Prompt: Entries follow. Give back exactly the lines starting at the one containing "from ifc_helpers import" and ending at the one containing "# Site, building, storey", and no other lines.

Recorded data:
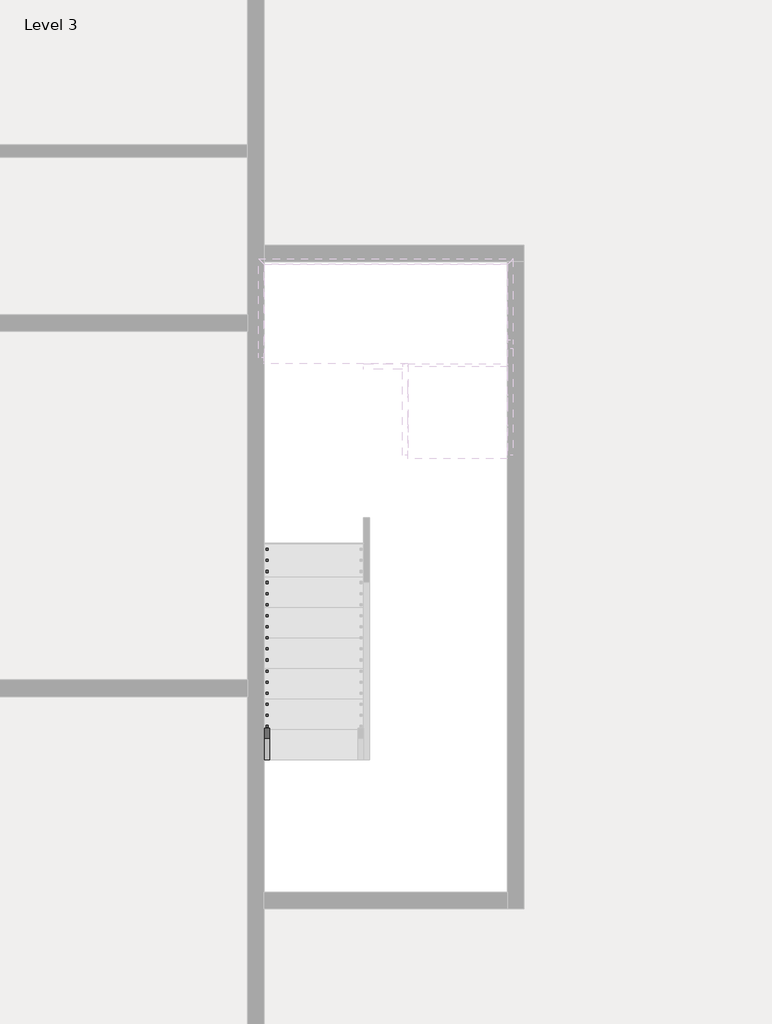
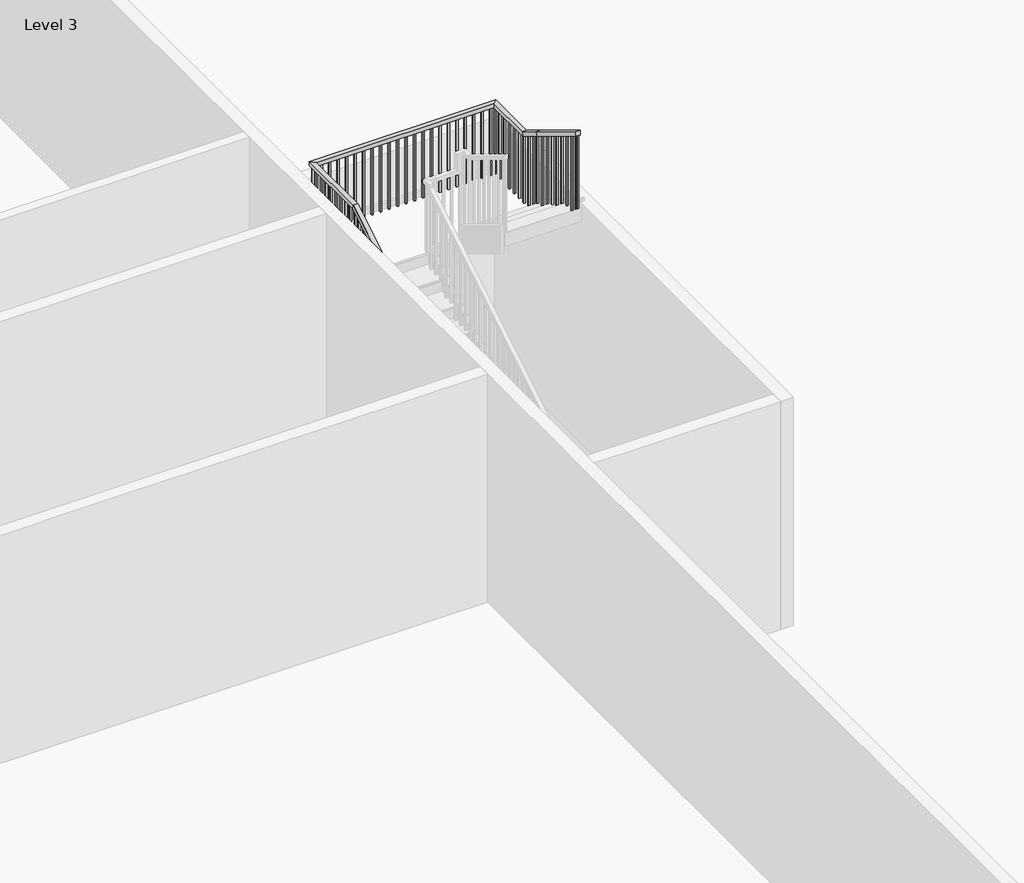
# One storey, part 6 of 8: 1 railing.
"""IFC4 building model written with IfcOpenShell, lengths in millimetres."""

from ifc_helpers import new_model, si_unit, frame, origin, place, context, project, spatial, polyline, outline, extrude, faceted_brep, element, save

model = new_model("IFC4")

# Units and contexts
model_context = context("Model", 3, world=origin())
ifc_project = project(units=[si_unit("LENGTHUNIT", "METRE", prefix="MILLI")], contexts=[model_context])

# Site, building, storey
site = spatial("IfcSite", under=ifc_project)
building = spatial("IfcBuilding", under=site)
storey = spatial("IfcBuildingStorey", under=building, Name="Level 3", Elevation=31330.6172466)

# Railing
placement = place(None, origin())
element("IfcRailing", 1, ObjectType="Handrail - Rectangular", at=placement, inside=storey, context=model_context, shape_type="SolidModel", body=[
    faceted_brep([(-3617.4415084, -23154.3851539, 32414.3505799), (-3617.4415084, -23154.3851539, 32354.9491197), (-3566.6415084, -23154.3851539, 32354.9491197), (-3566.6415084, -23154.3851539, 32414.3505799), (-3617.4415084, -19522.1851539, 34615.6839133), (-3617.4415084, -19507.9927445, 34564.8839133), (-3566.6415084, -19507.9927445, 34564.8839133), (-3566.6415084, -19522.1851539, 34615.6839133), (-3617.4415084, -18607.7851539, 34615.6839133), (-3617.4415084, -18607.7851539, 34564.8839133), (-3566.6415084, -18658.5851539, 34564.8839133), (-3566.6415084, -18658.5851539, 34615.6839133), (-1382.2415084, -18607.7851539, 34615.6839133), (-1382.2415084, -18607.7851539, 34564.8839133), (-1433.0415084, -18658.5851539, 34564.8839133), (-1433.0415084, -18658.5851539, 34615.6839133), (-1382.2415084, -19242.7851539, 34615.6839133), (-1382.2415084, -19256.9775633, 34564.8839133), (-1433.0415084, -19256.9775633, 34564.8839133), (-1433.0415084, -19242.7851539, 34615.6839133), (-1382.2415084, -19522.1851539, 34785.0172466), (-1382.2415084, -19548.5148811, 34741.5731968), (-1433.0415084, -19548.5148811, 34741.5731968), (-1433.0415084, -19522.1851539, 34785.0172466), (-1382.2415084, -20360.3851539, 35293.0172466), (-1433.0415084, -20360.3851539, 35293.0172466), (-1433.0415084, -20360.3851539, 35233.6157863), (-1382.2415084, -20360.3851539, 35233.6157863)], [[[0, 1, 2, 3]], [[1, 0, 4, 5]], [[2, 1, 5, 6]], [[3, 2, 6, 7]], [[0, 3, 7, 4]], [[5, 4, 8, 9]], [[6, 5, 9, 10]], [[7, 6, 10, 11]], [[4, 7, 11, 8]], [[9, 8, 12, 13]], [[10, 9, 13, 14]], [[11, 10, 14, 15]], [[8, 11, 15, 12]], [[13, 12, 16, 17]], [[14, 13, 17, 18]], [[15, 14, 18, 19]], [[12, 15, 19, 16]], [[17, 16, 20, 21]], [[18, 17, 21, 22]], [[19, 18, 22, 23]], [[16, 19, 23, 20]], [[24, 25, 26, 27]], [[21, 20, 24, 27]], [[22, 21, 27, 26]], [[23, 22, 26, 25]], [[20, 23, 25, 24]]]),
    extrude(outline(polyline([(-20325.4601539, 35212.4491197), (-20325.4601539, 34209.2839133), (-20344.5101539, 34209.2839133), (-20344.5101539, 35223.9945742), (-20325.4601539, 35212.4491197)])), frame((-1417.1665084, 0.0, 0.0), z_axis=(1.0, 0.0, 0.0), x_axis=(0.0, 1.0, 0.0)), (0.0, 0.0, 1.0), 19.05),
    extrude(outline(polyline([(-20223.8601539, 35150.8733621), (-20223.8601539, 34209.2839133), (-20242.9101539, 34209.2839133), (-20242.9101539, 35162.4188166), (-20223.8601539, 35150.8733621)])), frame((-1417.1665084, 0.0, 0.0), z_axis=(1.0, 0.0, 0.0), x_axis=(0.0, 1.0, 0.0)), (0.0, 0.0, 1.0), 19.05),
    extrude(outline(polyline([(-20122.2601539, 35089.2976045), (-20122.2601539, 34209.2839133), (-20141.3101539, 34209.2839133), (-20141.3101539, 35100.8430591), (-20122.2601539, 35089.2976045)])), frame((-1417.1665084, 0.0, 0.0), z_axis=(1.0, 0.0, 0.0), x_axis=(0.0, 1.0, 0.0)), (0.0, 0.0, 1.0), 19.05),
    extrude(outline(polyline([(-20020.6601539, 35027.721847), (-20020.6601539, 34039.9505799), (-20039.7101539, 34039.9505799), (-20039.7101539, 35039.2673015), (-20020.6601539, 35027.721847)])), frame((-1417.1665084, 0.0, 0.0), z_axis=(1.0, 0.0, 0.0), x_axis=(0.0, 1.0, 0.0)), (0.0, 0.0, 1.0), 19.05),
    extrude(outline(polyline([(-19919.0601539, 34966.1460894), (-19919.0601539, 34039.9505799), (-19938.1101539, 34039.9505799), (-19938.1101539, 34977.6915439), (-19919.0601539, 34966.1460894)])), frame((-1417.1665084, 0.0, 0.0), z_axis=(1.0, 0.0, 0.0), x_axis=(0.0, 1.0, 0.0)), (0.0, 0.0, 1.0), 19.05),
    extrude(outline(polyline([(-19817.4601539, 34904.5703318), (-19817.4601539, 34039.9505799), (-19836.5101539, 34039.9505799), (-19836.5101539, 34916.1157863), (-19817.4601539, 34904.5703318)])), frame((-1417.1665084, 0.0, 0.0), z_axis=(1.0, 0.0, 0.0), x_axis=(0.0, 1.0, 0.0)), (0.0, 0.0, 1.0), 19.05),
    extrude(outline(polyline([(-19715.8601539, 34842.9945742), (-19715.8601539, 33870.6172466), (-19734.9101539, 33870.6172466), (-19734.9101539, 34854.5400288), (-19715.8601539, 34842.9945742)])), frame((-1417.1665084, 0.0, 0.0), z_axis=(1.0, 0.0, 0.0), x_axis=(0.0, 1.0, 0.0)), (0.0, 0.0, 1.0), 19.05),
    extrude(outline(polyline([(-19614.2601539, 34781.4188166), (-19614.2601539, 33870.6172466), (-19633.3101539, 33870.6172466), (-19633.3101539, 34792.9642712), (-19614.2601539, 34781.4188166)])), frame((-1417.1665084, 0.0, 0.0), z_axis=(1.0, 0.0, 0.0), x_axis=(0.0, 1.0, 0.0)), (0.0, 0.0, 1.0), 19.05),
    extrude(outline(polyline([(-19436.4601539, 34673.6612409), (-19436.4601539, 33701.2839133), (-19455.5101539, 33701.2839133), (-19455.5101539, 34685.2066954), (-19436.4601539, 34673.6612409)])), frame((-1417.1665084, 0.0, 0.0), z_axis=(1.0, 0.0, 0.0), x_axis=(0.0, 1.0, 0.0)), (0.0, 0.0, 1.0), 19.05),
    extrude(outline(polyline([(-19334.8601539, 34612.0854833), (-19334.8601539, 33701.2839133), (-19353.9101539, 33701.2839133), (-19353.9101539, 34623.6309379), (-19334.8601539, 34612.0854833)])), frame((-1417.1665084, 0.0, 0.0), z_axis=(1.0, 0.0, 0.0), x_axis=(0.0, 1.0, 0.0)), (0.0, 0.0, 1.0), 19.05),
    extrude(outline(polyline([(-1398.1165084, -19233.2601539), (-1398.1165084, -19252.3101539), (-1417.1665084, -19252.3101539), (-1417.1665084, -19233.2601539), (-1398.1165084, -19233.2601539)])), frame((0.0, 0.0, 33701.2839133), z_axis=(0.0, 0.0, 1.0), x_axis=(1.0, 0.0, 0.0)), (0.0, 0.0, 1.0), 863.6),
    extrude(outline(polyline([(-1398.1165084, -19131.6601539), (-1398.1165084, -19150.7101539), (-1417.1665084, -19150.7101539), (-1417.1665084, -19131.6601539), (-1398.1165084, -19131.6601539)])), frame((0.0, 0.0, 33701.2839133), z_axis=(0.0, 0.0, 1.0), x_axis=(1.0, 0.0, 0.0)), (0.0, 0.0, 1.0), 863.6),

Exercise solution:
from ifc_helpers import new_model, si_unit, frame, origin, place, context, project, spatial, polyline, outline, extrude, faceted_brep, element, save

model = new_model("IFC4")

# Units and contexts
model_context = context("Model", 3, world=origin())
ifc_project = project(units=[si_unit("LENGTHUNIT", "METRE", prefix="MILLI")], contexts=[model_context])

# Site, building, storey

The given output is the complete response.